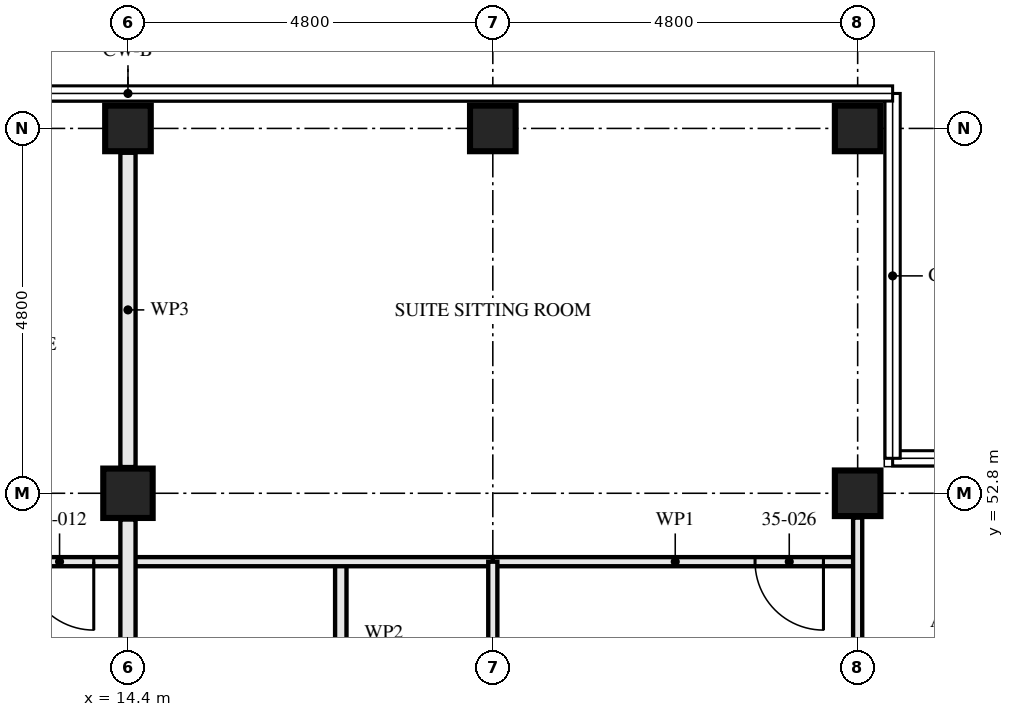
"""IFC4 building model, lengths in metres.
Left out: names, types, materials, properties, quantities, classifications, styles, units other than length and angle.
Written with IfcOpenShell. Run it as: python <this file> out.ifc"""

import sys

from ifc_helpers import new_model, si_unit, direction, frame, frame_2d, origin, origin_2d, place, context, subcontext, project, spatial, rectangle, hollow_rectangle, extrude, element, fill, save


model = new_model("IFC4")
c1 = context("Model", 3, precision=1e-05, world=origin(), true_north=direction((0.0, 1.0)))
c2 = subcontext(c1, "Body", "Model", "MODEL_VIEW")
j1 = project(units=[si_unit("LENGTHUNIT", "METRE"), si_unit("PLANEANGLEUNIT", "RADIAN")], contexts=[c1])
p1 = place(None, origin())
s1 = spatial("IfcSite", under=j1, at=p1, CompositionType="ELEMENT")
p2 = place(p1, origin())
s2 = spatial("IfcBuilding", under=s1, at=p2, CompositionType="ELEMENT")
p3 = place(p2, frame((0.0, 0.0, 129.5)))
s3 = spatial("IfcBuildingStorey", under=s2, at=p3, CompositionType="ELEMENT", Elevation=129.5)
p4 = place(p3, frame((14.4, 52.8, 0.0), z_axis=(0.0, 0.0, 1.0), x_axis=(1.0, 0.0, 0.0)))
e1 = element("IfcColumn", 1, at=p4, inside=s3, PredefinedType="COLUMN", context=c2, shape_type="SweptSolid", body=[
    extrude(hollow_rectangle(XDim=0.65, YDim=0.65, WallThickness=0.05, at=origin_2d()), origin(), (0.0, 0.0, 1.0), 3.5),
])
for number, where, z_axis, x_axis in (
    (2, (14.4, 57.6, 0.0), (0.0, 0.0, 1.0), (0.0, 1.0, 0.0)),
    (3, (19.2, 57.6, 0.0), (0.0, 0.0, 1.0), (0.0, 1.0, 0.0)),
    (4, (24.0, 52.8, 0.0), (0.0, 0.0, 1.0), (0.0, 1.0, 0.0)),
    (5, (24.0, 57.6, 0.0), (0.0, 0.0, 1.0), (0.0, 1.0, 0.0)),
):
    element("IfcColumn", number, at=place(p3, frame(where, z_axis=z_axis, x_axis=x_axis)), inside=s3, PredefinedType="COLUMN", context=c2, shape_type="SweptSolid", body=[
        extrude(hollow_rectangle(XDim=0.6, YDim=0.6, WallThickness=0.08, at=origin_2d()), origin(), (0.0, 0.0, 1.0), 3.5),
    ])
p5 = place(p3, frame((14.4, 51.9, 0.0), z_axis=(0.0, 0.0, 1.0), x_axis=(-1.0, 0.0, 0.0)))
e6 = element("IfcWall", 6, at=p5, inside=s3, PredefinedType="PARTITIONING", context=c2, shape_type="SweptSolid", body=[
    extrude(rectangle(XDim=4.8, YDim=0.12, at=frame_2d((2.4, 0.0))), origin(), (0.0, 0.0, 1.0), 3.33),
])
p6 = place(p5, frame((0.45, 0.0, 0.0)))
e7 = element("IfcOpeningElement", 7, at=p6, cuts=e6, PredefinedType="OPENING", context=c2, shape_type="SweptSolid", body=[
    extrude(rectangle(XDim=0.9, YDim=2.1, at=frame_2d((0.45, 1.05))), frame((0.0, 0.071, 0.0), z_axis=(0.0, -1.0, 0.0), x_axis=(1.0, 0.0, 0.0)), (0.0, 0.0, 1.0), 0.141),
])
p7 = place(p5, frame((2.925, 0.0, 0.0)))
e8 = element("IfcOpeningElement", 8, at=p7, cuts=e6, PredefinedType="OPENING", context=c2, shape_type="SweptSolid", body=[
    extrude(rectangle(XDim=0.95, YDim=2.1, at=frame_2d((0.475, 1.05))), frame((0.0, 0.071, 0.0), z_axis=(0.0, -1.0, 0.0), x_axis=(1.0, 0.0, 0.0)), (0.0, 0.0, 1.0), 0.141),
])
p8 = place(p3, frame((17.2, 51.9, 0.0), z_axis=(0.0, 0.0, 1.0), x_axis=(0.0, -1.0, 0.0)))
e9 = element("IfcWall", 9, at=p8, inside=s3, PredefinedType="PARTITIONING", context=c2, shape_type="SweptSolid", body=[
    extrude(rectangle(XDim=3.0, YDim=0.15, at=frame_2d((1.5, 0.0))), origin(), (0.0, 0.0, 1.0), 3.33),
])
p9 = place(p8, frame((1.05, 0.0, 0.0)))
e10 = element("IfcOpeningElement", 10, at=p9, cuts=e9, PredefinedType="OPENING", context=c2, shape_type="SweptSolid", body=[
    extrude(rectangle(XDim=0.9, YDim=2.1, at=frame_2d((0.45, 1.05))), frame((0.0, 0.085, 0.0), z_axis=(0.0, -1.0, 0.0), x_axis=(1.0, 0.0, 0.0)), (0.0, 0.0, 1.0), 0.171),
])
p10 = place(p3, frame((19.2, 51.9, 0.0), z_axis=(0.0, 0.0, 1.0), x_axis=(0.0, -1.0, 0.0)))
e11 = element("IfcWall", 11, at=p10, inside=s3, PredefinedType="PARTITIONING", context=c2, shape_type="SweptSolid", body=[
    extrude(rectangle(XDim=6.15, YDim=0.12, at=frame_2d((3.075, 0.0))), origin(), (0.0, 0.0, 1.0), 2.55),
])
p11 = place(p10, frame((2.625, 0.0, 0.0)))
e12 = element("IfcOpeningElement", 12, at=p11, cuts=e11, PredefinedType="OPENING", context=c2, shape_type="SweptSolid", body=[
    extrude(rectangle(XDim=0.9, YDim=2.1, at=frame_2d((0.45, 1.05))), frame((0.0, 0.071, 0.0), z_axis=(0.0, -1.0, 0.0), x_axis=(1.0, 0.0, 0.0)), (0.0, 0.0, 1.0), 0.141),
])
p12 = place(p3, frame((24.0, 51.9, 0.0), z_axis=(0.0, 0.0, 1.0), x_axis=(-1.0, 0.0, 0.0)))
e13 = element("IfcWall", 13, at=p12, inside=s3, PredefinedType="PARTITIONING", context=c2, shape_type="SweptSolid", body=[
    extrude(rectangle(XDim=4.8, YDim=0.12, at=frame_2d((2.4, 0.0))), origin(), (0.0, 0.0, 1.0), 3.33),
])
p13 = place(p12, frame((0.45, 0.0, 0.0)))
e14 = element("IfcOpeningElement", 14, at=p13, cuts=e13, PredefinedType="OPENING", context=c2, shape_type="SweptSolid", body=[
    extrude(rectangle(XDim=0.9, YDim=2.1, at=frame_2d((0.45, 1.05))), frame((0.0, 0.071, 0.0), z_axis=(0.0, -1.0, 0.0), x_axis=(1.0, 0.0, 0.0)), (0.0, 0.0, 1.0), 0.141),
])
p14 = place(p3, frame((19.2, 51.9, 0.0), z_axis=(0.0, 0.0, 1.0), x_axis=(-1.0, 0.0, 0.0)))
e15 = element("IfcWall", 15, at=p14, inside=s3, PredefinedType="PARTITIONING", context=c2, shape_type="SweptSolid", body=[
    extrude(rectangle(XDim=4.8, YDim=0.12, at=frame_2d((2.4, 0.0))), origin(), (0.0, 0.0, 1.0), 3.33),
])
p15 = place(p3, frame((24.0, 52.48, 0.0), z_axis=(0.0, 0.0, 1.0), x_axis=(0.0, -1.0, 0.0)))
e16 = element("IfcWall", 16, at=p15, inside=s3, PredefinedType="PARTITIONING", context=c2, shape_type="SweptSolid", body=[
    extrude(rectangle(XDim=3.68, YDim=0.12, at=frame_2d((1.84, 0.0))), origin(), (0.0, 0.0, 1.0), 3.33),
])
p16 = place(p15, frame((1.63, 0.0, 0.0)))
e17 = element("IfcOpeningElement", 17, at=p16, cuts=e16, PredefinedType="OPENING", context=c2, shape_type="SweptSolid", body=[
    extrude(rectangle(XDim=0.9, YDim=2.1, at=frame_2d((0.45, 1.05))), frame((0.0, 0.071, 0.0), z_axis=(0.0, -1.0, 0.0), x_axis=(1.0, 0.0, 0.0)), (0.0, 0.0, 1.0), 0.141),
])
p17 = place(p3, frame((14.4, 48.345, 0.0), z_axis=(0.0, 0.0, 1.0), x_axis=(0.0, 1.0, 0.0)))
e18 = element("IfcWall", 18, at=p17, inside=s3, PredefinedType="PARTITIONING", context=c2, shape_type="SweptSolid", body=[
    extrude(rectangle(XDim=4.11, YDim=0.2, at=frame_2d((2.055, 0.0))), origin(), (0.0, 0.0, 1.0), 2.32),
])
p18 = place(p3, frame((14.4, 53.145, 0.0), z_axis=(0.0, 0.0, 1.0), x_axis=(0.0, 1.0, 0.0)))
e19 = element("IfcWall", 19, at=p18, inside=s3, PredefinedType="PARTITIONING", context=c2, shape_type="SweptSolid", body=[
    extrude(rectangle(XDim=4.135, YDim=0.2, at=frame_2d((2.067, 0.0))), origin(), (0.0, 0.0, 1.0), 2.32),
])
p19 = place(p6, origin())
e20 = element("IfcDoor", 20, at=p19, inside=s3, OperationType="SINGLE_SWING_RIGHT", PredefinedType="DOOR", context=c2, shape_type="SweptSolid", body=[
    extrude(rectangle(XDim=0.9, YDim=2.1, at=frame_2d((0.45, 1.05))), frame((0.0, 0.022, 0.0), z_axis=(0.0, -1.0, 0.0), x_axis=(1.0, 0.0, 0.0)), (0.0, 0.0, 1.0), 0.044),
])
fill(e7, e20)
p20 = place(p13, origin())
e21 = element("IfcDoor", 21, at=p20, inside=s3, OperationType="SINGLE_SWING_RIGHT", PredefinedType="DOOR", context=c2, shape_type="SweptSolid", body=[
    extrude(rectangle(XDim=0.9, YDim=2.1, at=frame_2d((0.45, 1.05))), frame((0.0, 0.022, 0.0), z_axis=(0.0, -1.0, 0.0), x_axis=(1.0, 0.0, 0.0)), (0.0, 0.0, 1.0), 0.044),
])
fill(e14, e21)
save(model, sys.argv[1])

※ ※ ※

Where a line of the entries contains the word "WallThickness", copy that line.

    extrude(hollow_rectangle(XDim=0.65, YDim=0.65, WallThickness=0.05, at=origin_2d()), origin(), (0.0, 0.0, 1.0), 3.5),
        extrude(hollow_rectangle(XDim=0.6, YDim=0.6, WallThickness=0.08, at=origin_2d()), origin(), (0.0, 0.0, 1.0), 3.5),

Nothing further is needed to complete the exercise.